__Assigned task__
Tell how many lines in the data below hold the string "CompositionType"; give nothing but the number.

Entries taken from a collection
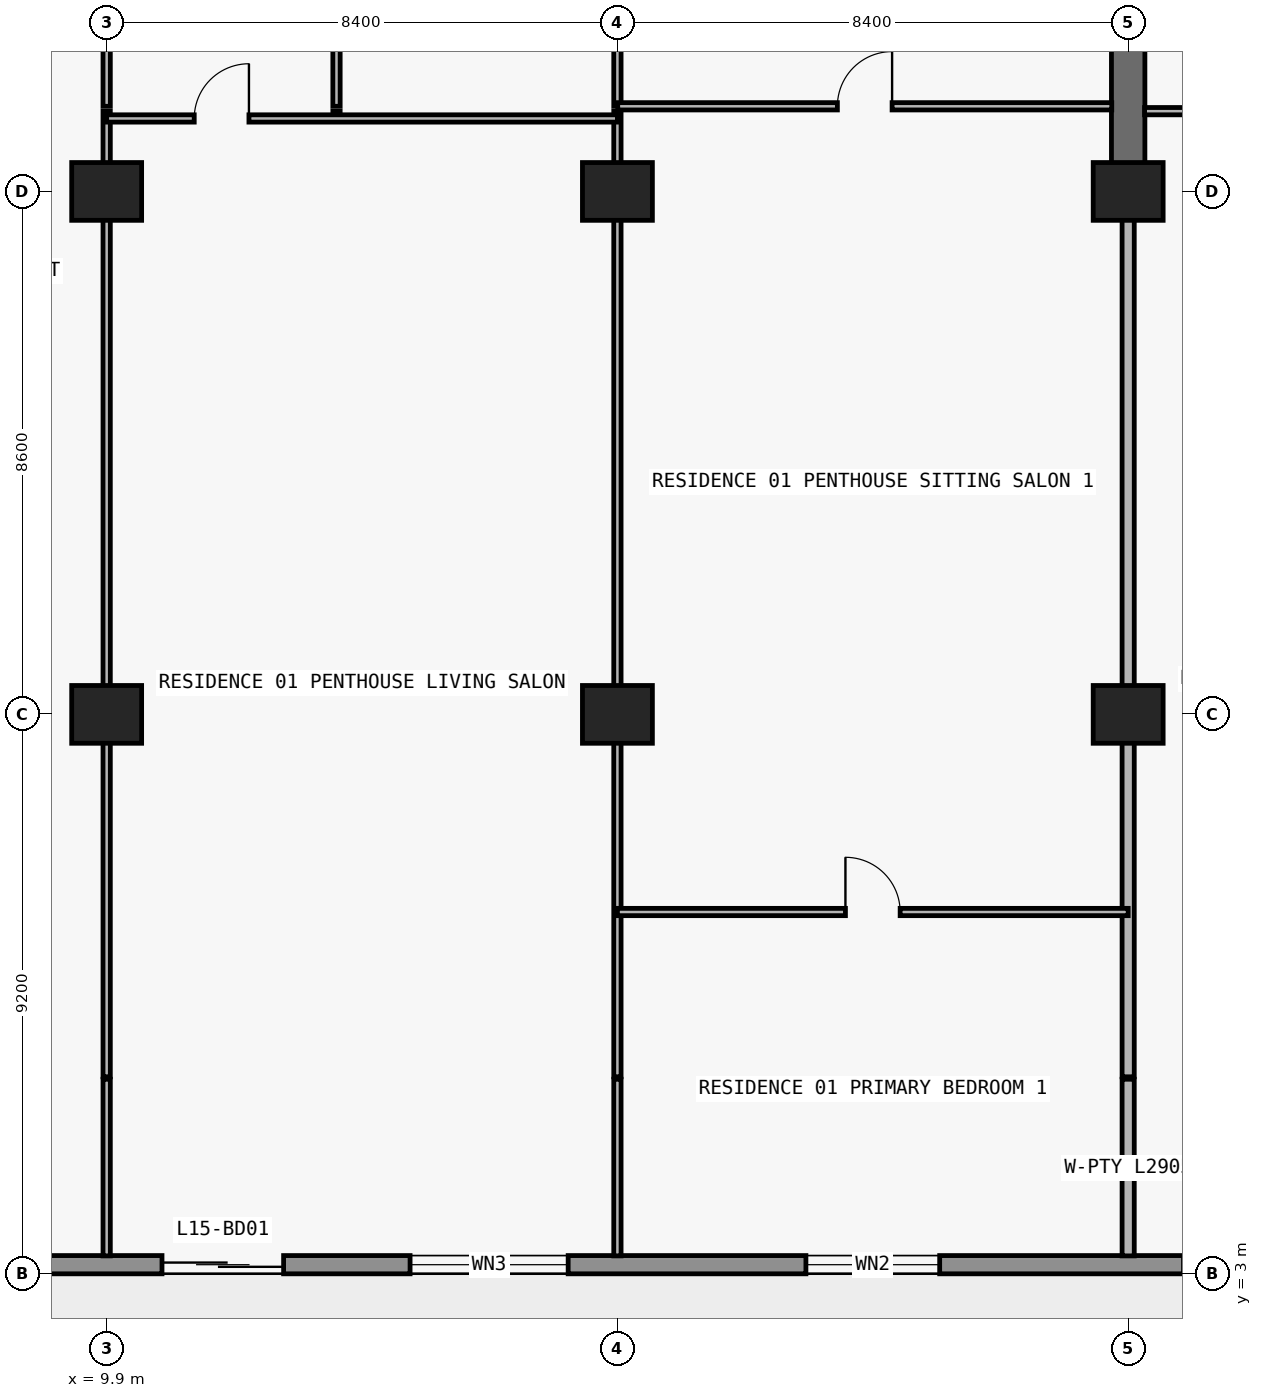
"""IFC4 building model, lengths in metres.
Left out: names, types, materials, properties, quantities, classifications, styles, units other than length and angle.
Written with IfcOpenShell. Run it as: python <this file> out.ifc"""

import sys

from ifc_helpers import new_model, si_unit, direction, frame, frame_2d, origin, origin_2d, place, context, subcontext, project, spatial, rectangle, extrude, element, fill, save


model = new_model("IFC4")
c1 = context("Model", 3, precision=1e-05, world=origin(), true_north=direction((0.0, 1.0)))
c2 = subcontext(c1, "Body", "Model", "MODEL_VIEW")
j1 = project(units=[si_unit("LENGTHUNIT", "METRE"), si_unit("PLANEANGLEUNIT", "RADIAN")], contexts=[c1])
p1 = place(None, origin())
s1 = spatial("IfcSite", under=j1, at=p1, CompositionType="ELEMENT")
p2 = place(p1, origin())
s2 = spatial("IfcBuilding", under=s1, at=p2, CompositionType="ELEMENT")
p3 = place(p2, frame((0.0, 0.0, 59.7)))
s3 = spatial("IfcBuildingStorey", under=s2, at=p3, CompositionType="ELEMENT", Elevation=59.7)
for number, where, z_axis, x_axis in (
    (1, (9.9, 12.2, 0.0), (0.0, 0.0, 1.0), (1.0, 0.0, 0.0)),
    (2, (18.3, 12.2, 0.0), (0.0, 0.0, 1.0), (1.0, 0.0, 0.0)),
    (3, (26.7, 12.2, 0.0), (0.0, 0.0, 1.0), (1.0, 0.0, 0.0)),
    (4, (9.9, 20.8, 0.0), (0.0, 0.0, 1.0), (1.0, 0.0, 0.0)),
    (5, (18.3, 20.8, 0.0), (0.0, 0.0, 1.0), (1.0, 0.0, 0.0)),
    (6, (26.7, 20.8, 0.0), (0.0, 0.0, 1.0), (1.0, 0.0, 0.0)),
):
    element("IfcColumn", number, at=place(p3, frame(where, z_axis=z_axis, x_axis=x_axis)), inside=s3, PredefinedType="COLUMN", context=c2, shape_type="SweptSolid", body=[
        extrude(rectangle(XDim=1.15, YDim=0.95, at=origin_2d()), origin(), (0.0, 0.0, 1.0), 3.05),
    ])
p4 = place(p3, frame((26.7, 20.8, 0.0), z_axis=(0.0, 0.0, 1.0), x_axis=(0.0, 1.0, 0.0)))
e7 = element("IfcWall", 7, at=p4, inside=s3, PredefinedType="SHEAR", context=c2, shape_type="SweptSolid", body=[
    extrude(rectangle(XDim=8.6, YDim=0.55, at=frame_2d((4.3, 0.0))), origin(), (0.0, 0.0, 1.0), 3.05),
])
p5 = place(p3, frame((72.7, 3.15, 0.0), z_axis=(0.0, 0.0, 1.0), x_axis=(-1.0, 0.0, 0.0)))
e8 = element("IfcWall", 8, at=p5, inside=s3, PredefinedType="STANDARD", context=c2, shape_type="SweptSolid", body=[
    extrude(rectangle(XDim=67.6, YDim=0.3, at=frame_2d((33.8, 0.0))), origin(), (0.0, 0.0, 1.0), 3.05),
])
p6 = place(p5, frame((59.89, 0.0, 0.0)))
e9 = element("IfcOpeningElement", 9, at=p6, cuts=e8, PredefinedType="OPENING", context=c2, shape_type="SweptSolid", body=[
    extrude(rectangle(XDim=2.0, YDim=2.3, at=frame_2d((1.0, 1.15))), frame((0.0, 0.16, 0.0), z_axis=(0.0, -1.0, 0.0), x_axis=(1.0, 0.0, 0.0)), (0.0, 0.0, 1.0), 0.32),
])
p7 = place(p5, frame((55.21, 0.0, 0.65)))
e10 = element("IfcOpeningElement", 10, at=p7, cuts=e8, PredefinedType="OPENING", context=c2, shape_type="SweptSolid", body=[
    extrude(rectangle(XDim=2.6, YDim=1.85, at=frame_2d((1.3, 0.925))), frame((0.0, 0.16, 0.0), z_axis=(0.0, -1.0, 0.0), x_axis=(1.0, 0.0, 0.0)), (0.0, 0.0, 1.0), 0.32),
])
p8 = place(p5, frame((49.1, 0.0, 0.85)))
e11 = element("IfcOpeningElement", 11, at=p8, cuts=e8, PredefinedType="OPENING", context=c2, shape_type="SweptSolid", body=[
    extrude(rectangle(XDim=2.2, YDim=1.55, at=frame_2d((1.1, 0.775))), frame((0.0, 0.16, 0.0), z_axis=(0.0, -1.0, 0.0), x_axis=(1.0, 0.0, 0.0)), (0.0, 0.0, 1.0), 0.32),
])
p9 = place(p5, frame((43.09, 0.0, 0.0)))
e12 = element("IfcOpeningElement", 12, at=p9, cuts=e8, PredefinedType="OPENING", context=c2, shape_type="SweptSolid", body=[
    extrude(rectangle(XDim=2.0, YDim=2.3, at=frame_2d((1.0, 1.15))), frame((0.0, 0.16, 0.0), z_axis=(0.0, -1.0, 0.0), x_axis=(1.0, 0.0, 0.0)), (0.0, 0.0, 1.0), 0.32),
])
p10 = place(p5, frame((38.41, 0.0, 0.65)))
e13 = element("IfcOpeningElement", 13, at=p10, cuts=e8, PredefinedType="OPENING", context=c2, shape_type="SweptSolid", body=[
    extrude(rectangle(XDim=2.6, YDim=1.85, at=frame_2d((1.3, 0.925))), frame((0.0, 0.16, 0.0), z_axis=(0.0, -1.0, 0.0), x_axis=(1.0, 0.0, 0.0)), (0.0, 0.0, 1.0), 0.32),
])
p11 = place(p5, frame((32.7, 0.0, 0.85)))
e14 = element("IfcOpeningElement", 14, at=p11, cuts=e8, PredefinedType="OPENING", context=c2, shape_type="SweptSolid", body=[
    extrude(rectangle(XDim=2.2, YDim=1.55, at=frame_2d((1.1, 0.775))), frame((0.0, 0.16, 0.0), z_axis=(0.0, -1.0, 0.0), x_axis=(1.0, 0.0, 0.0)), (0.0, 0.0, 1.0), 0.32),
])
p12 = place(p5, frame((27.026, 0.0, 0.0)))
e15 = element("IfcOpeningElement", 15, at=p12, cuts=e8, PredefinedType="OPENING", context=c2, shape_type="SweptSolid", body=[
    extrude(rectangle(XDim=2.0, YDim=2.3, at=frame_2d((1.0, 1.15))), frame((0.0, 0.16, 0.0), z_axis=(0.0, -1.0, 0.0), x_axis=(1.0, 0.0, 0.0)), (0.0, 0.0, 1.0), 0.32),
])
p13 = place(p5, frame((22.726, 0.0, 0.85)))
e16 = element("IfcOpeningElement", 16, at=p13, cuts=e8, PredefinedType="OPENING", context=c2, shape_type="SweptSolid", body=[
    extrude(rectangle(XDim=2.2, YDim=1.55, at=frame_2d((1.1, 0.775))), frame((0.0, 0.16, 0.0), z_axis=(0.0, -1.0, 0.0), x_axis=(1.0, 0.0, 0.0)), (0.0, 0.0, 1.0), 0.32),
])
p14 = place(p5, frame((18.29, 0.0, 0.0)))
e17 = element("IfcOpeningElement", 17, at=p14, cuts=e8, PredefinedType="OPENING", context=c2, shape_type="SweptSolid", body=[
    extrude(rectangle(XDim=2.0, YDim=2.3, at=frame_2d((1.0, 1.15))), frame((0.0, 0.16, 0.0), z_axis=(0.0, -1.0, 0.0), x_axis=(1.0, 0.0, 0.0)), (0.0, 0.0, 1.0), 0.32),
])
p15 = place(p5, frame((14.19, 0.0, 0.85)))
e18 = element("IfcOpeningElement", 18, at=p15, cuts=e8, PredefinedType="OPENING", context=c2, shape_type="SweptSolid", body=[
    extrude(rectangle(XDim=1.8, YDim=1.55, at=frame_2d((0.9, 0.775))), frame((0.0, 0.16, 0.0), z_axis=(0.0, -1.0, 0.0), x_axis=(1.0, 0.0, 0.0)), (0.0, 0.0, 1.0), 0.32),
])
p16 = place(p5, frame((10.226, 0.0, 0.0)))
e19 = element("IfcOpeningElement", 19, at=p16, cuts=e8, PredefinedType="OPENING", context=c2, shape_type="SweptSolid", body=[
    extrude(rectangle(XDim=2.0, YDim=2.3, at=frame_2d((1.0, 1.15))), frame((0.0, 0.16, 0.0), z_axis=(0.0, -1.0, 0.0), x_axis=(1.0, 0.0, 0.0)), (0.0, 0.0, 1.0), 0.32),
])
p17 = place(p5, frame((5.926, 0.0, 0.85)))
e20 = element("IfcOpeningElement", 20, at=p17, cuts=e8, PredefinedType="OPENING", context=c2, shape_type="SweptSolid", body=[
    extrude(rectangle(XDim=2.2, YDim=1.55, at=frame_2d((1.1, 0.775))), frame((0.0, 0.16, 0.0), z_axis=(0.0, -1.0, 0.0), x_axis=(1.0, 0.0, 0.0)), (0.0, 0.0, 1.0), 0.32),
])
p18 = place(p3, frame((9.9, 3.295, 0.0), z_axis=(0.0, 0.0, 1.0), x_axis=(0.0, 1.0, 0.0)))
e21 = element("IfcWall", 21, at=p18, inside=s3, PredefinedType="PARTITIONING", context=c2, shape_type="SweptSolid", body=[
    extrude(rectangle(XDim=2.905, YDim=0.12, at=frame_2d((1.453, 0.0))), origin(), (0.0, 0.0, 1.0), 3.05),
])
p19 = place(p3, frame((9.9, 6.24, 0.0), z_axis=(0.0, 0.0, 1.0), x_axis=(0.0, 1.0, 0.0)))
e22 = element("IfcWall", 22, at=p19, inside=s3, PredefinedType="PARTITIONING", context=c2, shape_type="SweptSolid", body=[
    extrude(rectangle(XDim=15.88, YDim=0.12, at=frame_2d((7.94, 0.0))), origin(), (0.0, 0.0, 1.0), 2.11),
])
p20 = place(p3, frame((9.9, 22.2, 0.0), z_axis=(0.0, 0.0, 1.0), x_axis=(0.0, 1.0, 0.0)))
e23 = element("IfcWall", 23, at=p20, inside=s3, PredefinedType="PARTITIONING", context=c2, shape_type="SweptSolid", body=[
    extrude(rectangle(XDim=4.38, YDim=0.12, at=frame_2d((2.19, 0.0))), origin(), (0.0, 0.0, 1.0), 2.11),
])
p21 = place(p20, frame((1.74, 0.0, 0.0)))
e24 = element("IfcOpeningElement", 24, at=p21, cuts=e23, PredefinedType="OPENING", context=c2, shape_type="SweptSolid", body=[
    extrude(rectangle(XDim=0.9, YDim=2.06, at=frame_2d((0.45, 1.03))), frame((0.0, 0.07, 0.0), z_axis=(0.0, -1.0, 0.0), x_axis=(1.0, 0.0, 0.0)), (0.0, 0.0, 1.0), 0.14),
])
p22 = place(p3, frame((13.68, 22.0, 0.0), z_axis=(0.0, 0.0, 1.0), x_axis=(0.0, 1.0, 0.0)))
e25 = element("IfcWall", 25, at=p22, inside=s3, PredefinedType="PARTITIONING", context=c2, shape_type="SweptSolid", body=[
    extrude(rectangle(XDim=0.12, YDim=0.12, at=frame_2d((0.06, 0.0))), origin(), (0.0, 0.0, 1.0), 3.05),
])
p23 = place(p3, frame((13.68, 22.2, 0.0), z_axis=(0.0, 0.0, 1.0), x_axis=(0.0, 1.0, 0.0)))
e26 = element("IfcWall", 26, at=p23, inside=s3, PredefinedType="PARTITIONING", context=c2, shape_type="SweptSolid", body=[
    extrude(rectangle(XDim=4.38, YDim=0.12, at=frame_2d((2.19, 0.0))), origin(), (0.0, 0.0, 1.0), 3.05),
])
p24 = place(p23, frame((1.74, 0.0, 0.0)))
e27 = element("IfcOpeningElement", 27, at=p24, cuts=e26, PredefinedType="OPENING", context=c2, shape_type="SweptSolid", body=[
    extrude(rectangle(XDim=0.9, YDim=2.15, at=frame_2d((0.45, 1.075))), frame((0.0, 0.07, 0.0), z_axis=(0.0, -1.0, 0.0), x_axis=(1.0, 0.0, 0.0)), (0.0, 0.0, 1.0), 0.14),
])
p25 = place(p3, frame((18.3, 3.295, 0.0), z_axis=(0.0, 0.0, 1.0), x_axis=(0.0, 1.0, 0.0)))
e28 = element("IfcWall", 28, at=p25, inside=s3, PredefinedType="PARTITIONING", context=c2, shape_type="SweptSolid", body=[
    extrude(rectangle(XDim=2.905, YDim=0.12, at=frame_2d((1.453, 0.0))), origin(), (0.0, 0.0, 1.0), 3.05),
])
p26 = place(p3, frame((18.3, 6.24, 0.0), z_axis=(0.0, 0.0, 1.0), x_axis=(0.0, 1.0, 0.0)))
e29 = element("IfcWall", 29, at=p26, inside=s3, PredefinedType="PARTITIONING", context=c2, shape_type="SweptSolid", body=[
    extrude(rectangle(XDim=15.88, YDim=0.12, at=frame_2d((7.94, 0.0))), origin(), (0.0, 0.0, 1.0), 2.11),
])
p27 = place(p3, frame((18.3, 22.2, 0.0), z_axis=(0.0, 0.0, 1.0), x_axis=(0.0, 1.0, 0.0)))
e30 = element("IfcWall", 30, at=p27, inside=s3, PredefinedType="PARTITIONING", context=c2, shape_type="SweptSolid", body=[
    extrude(rectangle(XDim=4.38, YDim=0.12, at=frame_2d((2.19, 0.0))), origin(), (0.0, 0.0, 1.0), 2.11),
])
p28 = place(p27, frame((1.74, 0.0, 0.0)))
e31 = element("IfcOpeningElement", 31, at=p28, cuts=e30, PredefinedType="OPENING", context=c2, shape_type="SweptSolid", body=[
    extrude(rectangle(XDim=0.9, YDim=2.06, at=frame_2d((0.45, 1.03))), frame((0.0, 0.07, 0.0), z_axis=(0.0, -1.0, 0.0), x_axis=(1.0, 0.0, 0.0)), (0.0, 0.0, 1.0), 0.14),
])
p29 = place(p3, frame((26.7, 3.295, 0.0), z_axis=(0.0, 0.0, 1.0), x_axis=(0.0, 1.0, 0.0)))
e32 = element("IfcWall", 32, at=p29, inside=s3, PredefinedType="PARTITIONING", context=c2, shape_type="SweptSolid", body=[
    extrude(rectangle(XDim=2.905, YDim=0.2, at=frame_2d((1.453, 0.0))), origin(), (0.0, 0.0, 1.0), 3.05),
])
p30 = place(p3, frame((26.7, 6.24, 0.0), z_axis=(0.0, 0.0, 1.0), x_axis=(0.0, 1.0, 0.0)))
e33 = element("IfcWall", 33, at=p30, inside=s3, PredefinedType="PARTITIONING", context=c2, shape_type="SweptSolid", body=[
    extrude(rectangle(XDim=14.555, YDim=0.2, at=frame_2d((7.277, 0.0))), origin(), (0.0, 0.0, 1.0), 2.11),
])
p31 = place(p3, frame((18.3, 8.95, 0.0), z_axis=(0.0, 0.0, 1.0), x_axis=(1.0, 0.0, 0.0)))
e34 = element("IfcWall", 34, at=p31, inside=s3, PredefinedType="PARTITIONING", context=c2, shape_type="SweptSolid", body=[
    extrude(rectangle(XDim=8.4, YDim=0.12, at=frame_2d((4.2, 0.0))), origin(), (0.0, 0.0, 1.0), 3.05),
])
p32 = place(p31, frame((3.75, 0.0, 0.0)))
e35 = element("IfcOpeningElement", 35, at=p32, cuts=e34, PredefinedType="OPENING", context=c2, shape_type="SweptSolid", body=[
    extrude(rectangle(XDim=0.9, YDim=2.15, at=frame_2d((0.45, 1.075))), frame((0.0, 0.07, 0.0), z_axis=(0.0, -1.0, 0.0), x_axis=(1.0, 0.0, 0.0)), (0.0, 0.0, 1.0), 0.14),
])
p33 = place(p3, frame((9.9, 22.0, 0.0), z_axis=(0.0, 0.0, 1.0), x_axis=(1.0, 0.0, 0.0)))
e36 = element("IfcWall", 36, at=p33, inside=s3, PredefinedType="PARTITIONING", context=c2, shape_type="SweptSolid", body=[
    extrude(rectangle(XDim=8.4, YDim=0.12, at=frame_2d((4.2, 0.0))), origin(), (0.0, 0.0, 1.0), 3.05),
])
p34 = place(p33, frame((1.44, 0.0, 0.0)))
e37 = element("IfcOpeningElement", 37, at=p34, cuts=e36, PredefinedType="OPENING", context=c2, shape_type="SweptSolid", body=[
    extrude(rectangle(XDim=0.9, YDim=2.15, at=frame_2d((0.45, 1.075))), frame((0.0, 0.07, 0.0), z_axis=(0.0, -1.0, 0.0), x_axis=(1.0, 0.0, 0.0)), (0.0, 0.0, 1.0), 0.14),
])
p35 = place(p3, frame((26.97, 22.12, 0.0), z_axis=(0.0, 0.0, 1.0), x_axis=(1.0, 0.0, 0.0)))
e38 = element("IfcWall", 38, at=p35, inside=s3, PredefinedType="PARTITIONING", context=c2, shape_type="SweptSolid", body=[
    extrude(rectangle(XDim=8.13, YDim=0.12, at=frame_2d((4.065, 0.0))), origin(), (0.0, 0.0, 1.0), 3.05),
])
p36 = place(p35, frame((1.179, 0.0, 0.0)))
e39 = element("IfcOpeningElement", 39, at=p36, cuts=e38, PredefinedType="OPENING", context=c2, shape_type="SweptSolid", body=[
    extrude(rectangle(XDim=0.9, YDim=2.15, at=frame_2d((0.45, 1.075))), frame((0.0, 0.07, 0.0), z_axis=(0.0, -1.0, 0.0), x_axis=(1.0, 0.0, 0.0)), (0.0, 0.0, 1.0), 0.14),
])
p37 = place(p3, frame((18.305, 22.2, 0.0), z_axis=(0.0, 0.0, 1.0), x_axis=(1.0, 0.0, 0.0)))
e40 = element("IfcWall", 40, at=p37, inside=s3, PredefinedType="PARTITIONING", context=c2, shape_type="SweptSolid", body=[
    extrude(rectangle(XDim=8.125, YDim=0.12, at=frame_2d((4.062, 0.0))), origin(), (0.0, 0.0, 1.0), 3.05),
])
p38 = place(p37, frame((3.613, 0.0, 0.0)))
e41 = element("IfcOpeningElement", 41, at=p38, cuts=e40, PredefinedType="OPENING", context=c2, shape_type="SweptSolid", body=[
    extrude(rectangle(XDim=0.9, YDim=2.15, at=frame_2d((0.45, 1.075))), frame((0.0, 0.07, 0.0), z_axis=(0.0, -1.0, 0.0), x_axis=(1.0, 0.0, 0.0)), (0.0, 0.0, 1.0), 0.14),
])
p39 = place(p6, origin())
e42 = element("IfcDoor", 42, at=p39, inside=s3, OperationType="DOUBLE_DOOR_SLIDING", PredefinedType="DOOR", context=c2, shape_type="SweptSolid", body=[
    extrude(rectangle(XDim=2.0, YDim=2.3, at=frame_2d((1.0, 1.15))), frame((0.0, 0.025, 0.0), z_axis=(0.0, -1.0, 0.0), x_axis=(1.0, 0.0, 0.0)), (0.0, 0.0, 1.0), 0.05),
])
fill(e9, e42)
p40 = place(p7, origin())
e43 = element("IfcWindow", 43, at=p40, inside=s3, PartitioningType="SINGLE_PANEL", PredefinedType="WINDOW", context=c2, shape_type="SweptSolid", body=[
    extrude(rectangle(XDim=2.6, YDim=1.85, at=frame_2d((1.3, 0.925))), frame((0.0, 0.03, 0.0), z_axis=(0.0, -1.0, 0.0), x_axis=(1.0, 0.0, 0.0)), (0.0, 0.0, 1.0), 0.06),
])
fill(e10, e43)
p41 = place(p8, origin())
e44 = element("IfcWindow", 44, at=p41, inside=s3, PartitioningType="SINGLE_PANEL", PredefinedType="WINDOW", context=c2, shape_type="SweptSolid", body=[
    extrude(rectangle(XDim=2.2, YDim=1.55, at=frame_2d((1.1, 0.775))), frame((0.0, 0.03, 0.0), z_axis=(0.0, -1.0, 0.0), x_axis=(1.0, 0.0, 0.0)), (0.0, 0.0, 1.0), 0.06),
])
fill(e11, e44)
p42 = place(p34, origin())
e45 = element("IfcDoor", 45, at=p42, inside=s3, OperationType="SINGLE_SWING_RIGHT", PredefinedType="DOOR", context=c2, shape_type="SweptSolid", body=[
    extrude(rectangle(XDim=0.9, YDim=2.15, at=frame_2d((0.45, 1.075))), frame((0.0, 0.025, 0.0), z_axis=(0.0, -1.0, 0.0), x_axis=(1.0, 0.0, 0.0)), (0.0, 0.0, 1.0), 0.05),
])
fill(e37, e45)
p43 = place(p38, origin())
e46 = element("IfcDoor", 46, at=p43, inside=s3, OperationType="SINGLE_SWING_RIGHT", PredefinedType="DOOR", context=c2, shape_type="SweptSolid", body=[
    extrude(rectangle(XDim=0.9, YDim=2.15, at=frame_2d((0.45, 1.075))), frame((0.0, 0.025, 0.0), z_axis=(0.0, -1.0, 0.0), x_axis=(1.0, 0.0, 0.0)), (0.0, 0.0, 1.0), 0.05),
])
fill(e41, e46)
p44 = place(p32, origin())
e47 = element("IfcDoor", 47, at=p44, inside=s3, OperationType="SINGLE_SWING_LEFT", PredefinedType="DOOR", context=c2, shape_type="SweptSolid", body=[
    extrude(rectangle(XDim=0.9, YDim=2.15, at=frame_2d((0.45, 1.075))), frame((0.0, 0.025, 0.0), z_axis=(0.0, -1.0, 0.0), x_axis=(1.0, 0.0, 0.0)), (0.0, 0.0, 1.0), 0.05),
])
fill(e35, e47)
save(model, sys.argv[1])

__Reply__
3